Collection entries

━━━━━━━━━━━━━━━━━━━━━━━━━━━━━━

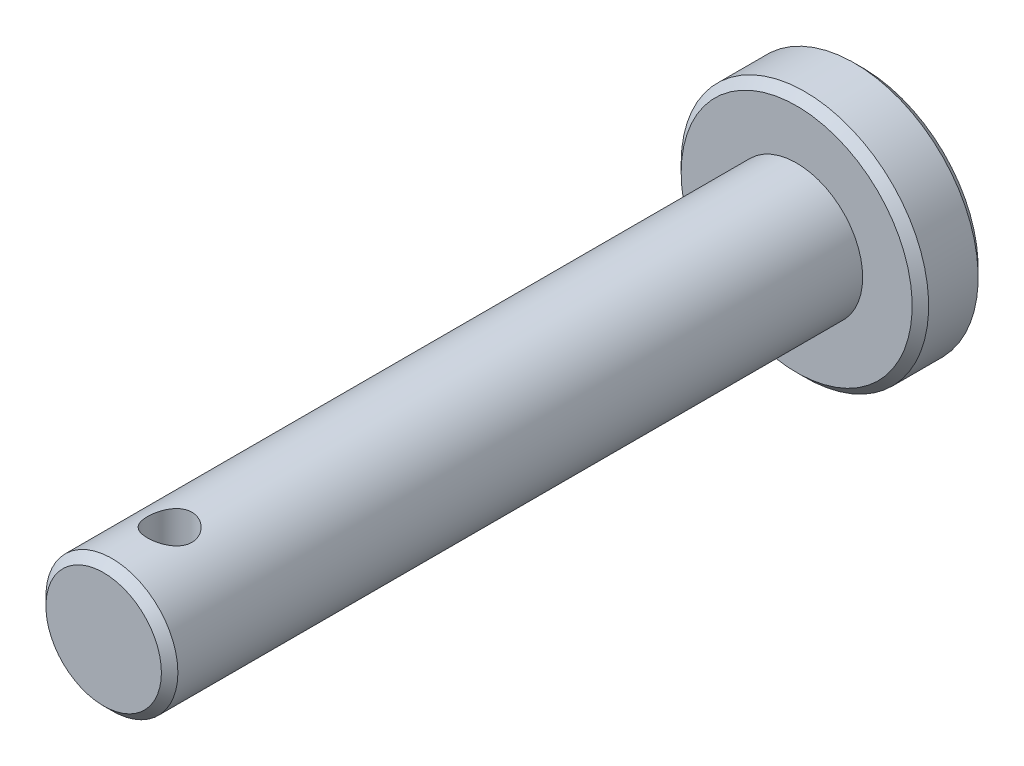
from build123d import *

# Parameters (mm, degrees)
SKETCH1_R               = 4
BOSS_EXTRUDE1_DEPTH     = 42
SKETCH2_R               = 7.5
BOSS_EXTRUDE2_DEPTH     = 4
CUT_EXTRUDE1_DEPTH      = 44.318587235
CUT_EXTRUDE1_DEPTH_BACK = 44.318587235
SKETCH3_R               = 1.35
CHAMFER1_SIZE           = 0.5


with BuildPart() as part:
    # Sketch1 → Boss-Extrude1 (new body)
    with BuildSketch(Plane.XY):
        with Locations(Location((0, 0, 0), (0, 0, 180))):
            Circle(SKETCH1_R)
    extrude(amount=BOSS_EXTRUDE1_DEPTH)

    # Sketch2 → Boss-Extrude2 (add)
    with BuildSketch(Plane(origin=(0, 0, 0), x_dir=(-1, 0, 0), z_dir=(0, 0, -1))):
        Circle(SKETCH2_R)
    extrude(amount=BOSS_EXTRUDE2_DEPTH)

    # Sketch3 → Cut-Extrude1 (cut, two sides: drawn at the far end of the back side and taken through both)
    with BuildSketch(Plane(origin=(0, 0, 0), x_dir=(1, 0, 0), z_dir=(0, 1, 0)).offset(-CUT_EXTRUDE1_DEPTH_BACK)):
        with Locations(Location((0, -38, 0), (0, 0, 270))):
            Circle(SKETCH3_R)
    extrude(amount=CUT_EXTRUDE1_DEPTH + CUT_EXTRUDE1_DEPTH_BACK, mode=Mode.SUBTRACT)

    # Chamfer1
    chamfer1_edges = [part.edges().sort_by_distance(p)[0] for p in [
        (4, 0, 42),
        (7.5, 0, 0),
        (7.5, 0, -4),
    ]]
    chamfer(chamfer1_edges, length=CHAMFER1_SIZE)


solid = part.part

━━━━━━━━━━━━━━━━━━━━━━━━━━━━━━

What you will do: Transcribe each line of the data above, unaltered, from the one where "with BuildPart() as" appears to the one where "# Sketch2 → Boss-Extrude2 (add)" appears, inclusive of both.

Response below:
with BuildPart() as part:
    # Sketch1 → Boss-Extrude1 (new body)
    with BuildSketch(Plane.XY):
        with Locations(Location((0, 0, 0), (0, 0, 180))):
            Circle(SKETCH1_R)
    extrude(amount=BOSS_EXTRUDE1_DEPTH)

    # Sketch2 → Boss-Extrude2 (add)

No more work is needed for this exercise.